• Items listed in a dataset
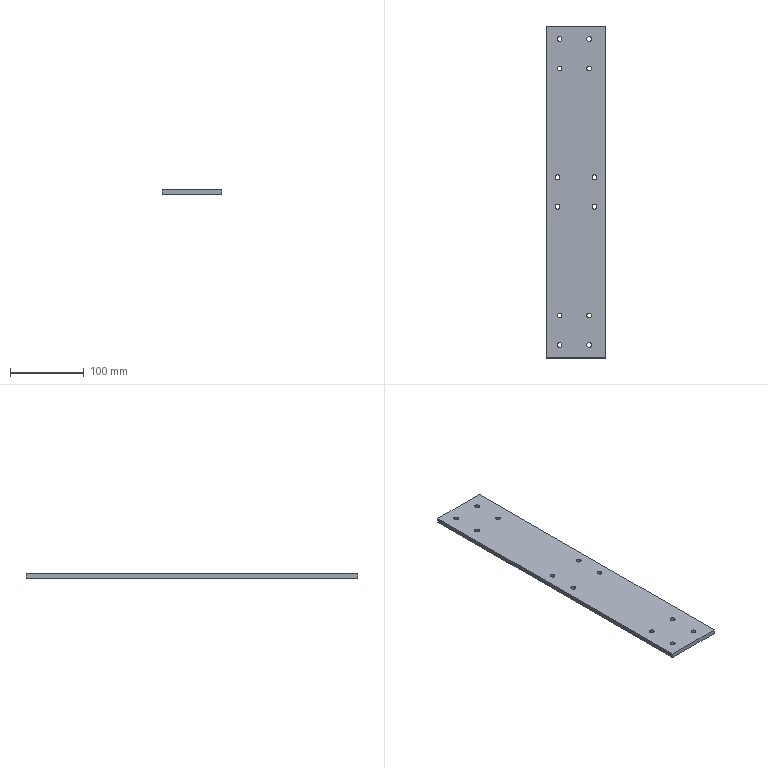Component | SolidWorks | DC-Motor-115-2 | 1 solid | 30 faces | box 80 x 450 x 6 mm | volume 213611 mm3 | cylinder 24 | plane 6 | commonest cylinder face diameters 6.5 x24
build123d program:
from build123d import *

# Parameters (mm, degrees)
SKETCH1_W                  = 450
SKETCH1_H                  = 80
BOSS_EXTRUDE1_DEPTH        = 3
F_6_5_6_5_DIAMETER_HOLE1_D = 6.5
F_6_5_6_5_DIAMETER_HOLE2_D = 6.5


with BuildPart() as part:
    # Sketch1 → Boss-Extrude1 (new, symmetric)
    with BuildSketch(Plane.XY):
        Rectangle(SKETCH1_W, SKETCH1_H)
    extrude(amount=BOSS_EXTRUDE1_DEPTH, both=True)

    # 6.5 _6.5_ Diameter Hole1 (through all)
    with Locations(Plane(origin=(0, 0, -3), x_dir=(-1, 0, 0), z_dir=(0, 0, -1))):
        with Locations((-167.5, -22.215), (-207.5, -22.215), (-207.5, 17.785), (-167.5, 17.785), (167.5, -22.215), (207.5, -22.215), (207.5, 17.785), (167.5, 17.785)):
            Hole(F_6_5_6_5_DIAMETER_HOLE1_D / 2)

    # 6.5 _6.5_ Diameter Hole2 (through all)
    with Locations(Plane(origin=(0, 0, -3), x_dir=(-1, 0, 0), z_dir=(0, 0, -1))):
        with Locations((20, -25), (-20, -25), (20, 25), (-20, 25)):
            Hole(F_6_5_6_5_DIAMETER_HOLE2_D / 2)


solid = part.part

# Placed as in the assembly
solid = solid.moved(Location((402.208, 14.301, -413), (0, 0, -90)))
STEP:
#1=CARTESIAN_POINT('',(14.851,1.222,-16.142));
#2=VERTEX_POINT('',#1);
#3=CARTESIAN_POINT('',(14.851,1.478,-16.142));
#4=VERTEX_POINT('',#3);
#5=CARTESIAN_POINT('',(14.851,1.35,-16.142));
#6=DIRECTION('',(0.,0.,-1.));
#7=DIRECTION('',(0.,1.,0.));
#8=AXIS2_PLACEMENT_3D('',#5,#6,#7);
#9=CIRCLE('',#8,0.128);
#10=EDGE_CURVE('',#2,#4,#9,.T.);
#11=ORIENTED_EDGE('',*,*,#10,.F.);
#12=CARTESIAN_POINT('',(14.851,1.222,-16.378));
#13=VERTEX_POINT('',#12);
#14=CARTESIAN_POINT('',(14.851,1.222,-16.378));
#15=DIRECTION('',(0.,0.,-1.));
#16=VECTOR('',#15,39.37);
#17=LINE('',#14,#16);
#18=EDGE_CURVE('',#2,#13,#17,.T.);
#19=ORIENTED_EDGE('',*,*,#18,.T.);
#20=CARTESIAN_POINT('',(14.851,1.478,-16.378));
#21=VERTEX_POINT('',#20);
#22=CARTESIAN_POINT('',(14.851,1.35,-16.378));
#23=DIRECTION('',(0.,0.,-1.));
#24=DIRECTION('',(0.,1.,0.));
#25=AXIS2_PLACEMENT_3D('',#22,#23,#24);
#26=CIRCLE('',#25,0.128);
#27=EDGE_CURVE('',#13,#21,#26,.T.);
#28=ORIENTED_EDGE('',*,*,#27,.T.);
#29=CARTESIAN_POINT('',(14.851,1.478,-16.378));
#30=DIRECTION('',(0.,0.,-1.));
#31=VECTOR('',#30,39.37);
#32=LINE('',#29,#31);
#33=EDGE_CURVE('',#4,#21,#32,.T.);
#34=ORIENTED_EDGE('',*,*,#33,.F.);
#35=EDGE_LOOP('',(#11,#19,#28,#34));
#36=FACE_OUTER_BOUND('',#35,.T.);
#37=CARTESIAN_POINT('',(14.851,1.35,-16.378));
#38=DIRECTION('',(0.,0.,-1.));
#39=DIRECTION('',(0.,1.,0.));
#40=AXIS2_PLACEMENT_3D('',#37,#38,#39);
#41=CYLINDRICAL_SURFACE('',#40,0.128);
#42=ADVANCED_FACE('',(#36),#41,.F.);
#43=CARTESIAN_POINT('',(14.851,-0.3523,-16.142));
#44=VERTEX_POINT('',#43);
#45=CARTESIAN_POINT('',(14.851,-0.09641,-16.142));
#46=VERTEX_POINT('',#45);
#47=CARTESIAN_POINT('',(14.851,-0.2244,-16.142));
#48=DIRECTION('',(0.,0.,-1.));
#49=DIRECTION('',(0.,1.,0.));
#50=AXIS2_PLACEMENT_3D('',#47,#48,#49);
#51=CIRCLE('',#50,0.128);
#52=EDGE_CURVE('',#44,#46,#51,.T.);
#53=ORIENTED_EDGE('',*,*,#52,.F.);
#54=CARTESIAN_POINT('',(14.851,-0.3523,-16.378));
#55=VERTEX_POINT('',#54);
#56=CARTESIAN_POINT('',(14.851,-0.3523,-16.378));
#57=DIRECTION('',(0.,0.,-1.));
#58=VECTOR('',#57,39.37);
#59=LINE('',#56,#58);
#60=EDGE_CURVE('',#44,#55,#59,.T.);
#61=ORIENTED_EDGE('',*,*,#60,.T.);
#62=CARTESIAN_POINT('',(14.851,-0.09641,-16.378));
#63=VERTEX_POINT('',#62);
#64=CARTESIAN_POINT('',(14.851,-0.2244,-16.378));
#65=DIRECTION('',(0.,0.,-1.));
#66=DIRECTION('',(0.,1.,0.));
#67=AXIS2_PLACEMENT_3D('',#64,#65,#66);
#68=CIRCLE('',#67,0.128);
#69=EDGE_CURVE('',#55,#63,#68,.T.);
#70=ORIENTED_EDGE('',*,*,#69,.T.);
#71=CARTESIAN_POINT('',(14.851,-0.09641,-16.378));
#72=DIRECTION('',(0.,0.,-1.));
#73=VECTOR('',#72,39.37);
#74=LINE('',#71,#73);
#75=EDGE_CURVE('',#46,#63,#74,.T.);
#76=ORIENTED_EDGE('',*,*,#75,.F.);
#77=EDGE_LOOP('',(#53,#61,#70,#76));
#78=FACE_OUTER_BOUND('',#77,.T.);
#79=CARTESIAN_POINT('',(14.851,-0.2244,-16.378));
#80=DIRECTION('',(0.,0.,-1.));
#81=DIRECTION('',(0.,1.,0.));
#82=AXIS2_PLACEMENT_3D('',#79,#80,#81);
#83=CYLINDRICAL_SURFACE('',#82,0.128);
#84=ADVANCED_FACE('',(#78),#83,.F.);
#85=CARTESIAN_POINT('',(16.819,1.222,-16.142));
#86=VERTEX_POINT('',#85);
#87=CARTESIAN_POINT('',(16.819,1.478,-16.142));
#88=VERTEX_POINT('',#87);
#89=CARTESIAN_POINT('',(16.819,1.35,-16.142));
#90=DIRECTION('',(0.,0.,-1.));
#91=DIRECTION('',(0.,1.,0.));
#92=AXIS2_PLACEMENT_3D('',#89,#90,#91);
#93=CIRCLE('',#92,0.128);
#94=EDGE_CURVE('',#86,#88,#93,.T.);
#95=ORIENTED_EDGE('',*,*,#94,.F.);
#96=CARTESIAN_POINT('',(16.819,1.222,-16.378));
#97=VERTEX_POINT('',#96);
#98=CARTESIAN_POINT('',(16.819,1.222,-16.378));
#99=DIRECTION('',(0.,0.,-1.));
#100=VECTOR('',#99,39.37);
#101=LINE('',#98,#100);
#102=EDGE_CURVE('',#86,#97,#101,.T.);
#103=ORIENTED_EDGE('',*,*,#102,.T.);
#104=CARTESIAN_POINT('',(16.819,1.478,-16.378));
#105=VERTEX_POINT('',#104);
#106=CARTESIAN_POINT('',(16.819,1.35,-16.378));
#107=DIRECTION('',(0.,0.,-1.));
#108=DIRECTION('',(0.,1.,0.));
#109=AXIS2_PLACEMENT_3D('',#106,#107,#108);
#110=CIRCLE('',#109,0.128);
#111=EDGE_CURVE('',#97,#105,#110,.T.);
#112=ORIENTED_EDGE('',*,*,#111,.T.);
#113=CARTESIAN_POINT('',(16.819,1.478,-16.378));
#114=DIRECTION('',(0.,0.,-1.));
#115=VECTOR('',#114,39.37);
#116=LINE('',#113,#115);
#117=EDGE_CURVE('',#88,#105,#116,.T.);
#118=ORIENTED_EDGE('',*,*,#117,.F.);
#119=EDGE_LOOP('',(#95,#103,#112,#118));
#120=FACE_OUTER_BOUND('',#119,.T.);
#121=CARTESIAN_POINT('',(16.819,1.35,-16.378));
#122=DIRECTION('',(0.,0.,-1.));
#123=DIRECTION('',(0.,1.,0.));
#124=AXIS2_PLACEMENT_3D('',#121,#122,#123);
#125=CYLINDRICAL_SURFACE('',#124,0.128);
#126=ADVANCED_FACE('',(#120),#125,.F.);
#127=CARTESIAN_POINT('',(16.819,-0.3523,-16.142));
#128=VERTEX_POINT('',#127);
#129=CARTESIAN_POINT('',(16.819,-0.09641,-16.142));
#130=VERTEX_POINT('',#129);
#131=CARTESIAN_POINT('',(16.819,-0.2244,-16.142));
#132=DIRECTION('',(0.,0.,-1.));
#133=DIRECTION('',(0.,1.,0.));
#134=AXIS2_PLACEMENT_3D('',#131,#132,#133);
#135=CIRCLE('',#134,0.128);
#136=EDGE_CURVE('',#128,#130,#135,.T.);
#137=ORIENTED_EDGE('',*,*,#136,.F.);
#138=CARTESIAN_POINT('',(16.819,-0.3523,-16.378));
#139=VERTEX_POINT('',#138);
#140=CARTESIAN_POINT('',(16.819,-0.3523,-16.378));
#141=DIRECTION('',(0.,0.,-1.));
#142=VECTOR('',#141,39.37);
#143=LINE('',#140,#142);
#144=EDGE_CURVE('',#128,#139,#143,.T.);
#145=ORIENTED_EDGE('',*,*,#144,.T.);
#146=CARTESIAN_POINT('',(16.819,-0.09641,-16.378));
#147=VERTEX_POINT('',#146);
#148=CARTESIAN_POINT('',(16.819,-0.2244,-16.378));
#149=DIRECTION('',(0.,0.,-1.));
#150=DIRECTION('',(0.,1.,0.));
#151=AXIS2_PLACEMENT_3D('',#148,#149,#150);
#152=CIRCLE('',#151,0.128);
#153=EDGE_CURVE('',#139,#147,#152,.T.);
#154=ORIENTED_EDGE('',*,*,#153,.T.);
#155=CARTESIAN_POINT('',(16.819,-0.09641,-16.378));
#156=DIRECTION('',(0.,0.,-1.));
#157=VECTOR('',#156,39.37);
#158=LINE('',#155,#157);
#159=EDGE_CURVE('',#130,#147,#158,.T.);
#160=ORIENTED_EDGE('',*,*,#159,.F.);
#161=EDGE_LOOP('',(#137,#145,#154,#160));
#162=FACE_OUTER_BOUND('',#161,.T.);
#163=CARTESIAN_POINT('',(16.819,-0.2244,-16.378));
#164=DIRECTION('',(0.,0.,-1.));
#165=DIRECTION('',(0.,1.,0.));
#166=AXIS2_PLACEMENT_3D('',#163,#164,#165);
#167=CYLINDRICAL_SURFACE('',#166,0.128);
#168=ADVANCED_FACE('',(#162),#167,.F.);
#169=CARTESIAN_POINT('',(14.96,-6.159,-16.142));
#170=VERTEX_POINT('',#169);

• HOW TO COMPLETE THIS TASK
Write out only the lines that run from the line containing "#129=CARTESIAN_POINT('',(16.819,-0.09641,-16.142));" through the line containing "#166=AXIS2_PLACEMENT_3D('',#163,#164,#165);", both included, exactly as they appear above.

• RESPONSE TO THIS TASK
#129=CARTESIAN_POINT('',(16.819,-0.09641,-16.142));
#130=VERTEX_POINT('',#129);
#131=CARTESIAN_POINT('',(16.819,-0.2244,-16.142));
#132=DIRECTION('',(0.,0.,-1.));
#133=DIRECTION('',(0.,1.,0.));
#134=AXIS2_PLACEMENT_3D('',#131,#132,#133);
#135=CIRCLE('',#134,0.128);
#136=EDGE_CURVE('',#128,#130,#135,.T.);
#137=ORIENTED_EDGE('',*,*,#136,.F.);
#138=CARTESIAN_POINT('',(16.819,-0.3523,-16.378));
#139=VERTEX_POINT('',#138);
#140=CARTESIAN_POINT('',(16.819,-0.3523,-16.378));
#141=DIRECTION('',(0.,0.,-1.));
#142=VECTOR('',#141,39.37);
#143=LINE('',#140,#142);
#144=EDGE_CURVE('',#128,#139,#143,.T.);
#145=ORIENTED_EDGE('',*,*,#144,.T.);
#146=CARTESIAN_POINT('',(16.819,-0.09641,-16.378));
#147=VERTEX_POINT('',#146);
#148=CARTESIAN_POINT('',(16.819,-0.2244,-16.378));
#149=DIRECTION('',(0.,0.,-1.));
#150=DIRECTION('',(0.,1.,0.));
#151=AXIS2_PLACEMENT_3D('',#148,#149,#150);
#152=CIRCLE('',#151,0.128);
#153=EDGE_CURVE('',#139,#147,#152,.T.);
#154=ORIENTED_EDGE('',*,*,#153,.T.);
#155=CARTESIAN_POINT('',(16.819,-0.09641,-16.378));
#156=DIRECTION('',(0.,0.,-1.));
#157=VECTOR('',#156,39.37);
#158=LINE('',#155,#157);
#159=EDGE_CURVE('',#130,#147,#158,.T.);
#160=ORIENTED_EDGE('',*,*,#159,.F.);
#161=EDGE_LOOP('',(#137,#145,#154,#160));
#162=FACE_OUTER_BOUND('',#161,.T.);
#163=CARTESIAN_POINT('',(16.819,-0.2244,-16.378));
#164=DIRECTION('',(0.,0.,-1.));
#165=DIRECTION('',(0.,1.,0.));
#166=AXIS2_PLACEMENT_3D('',#163,#164,#165);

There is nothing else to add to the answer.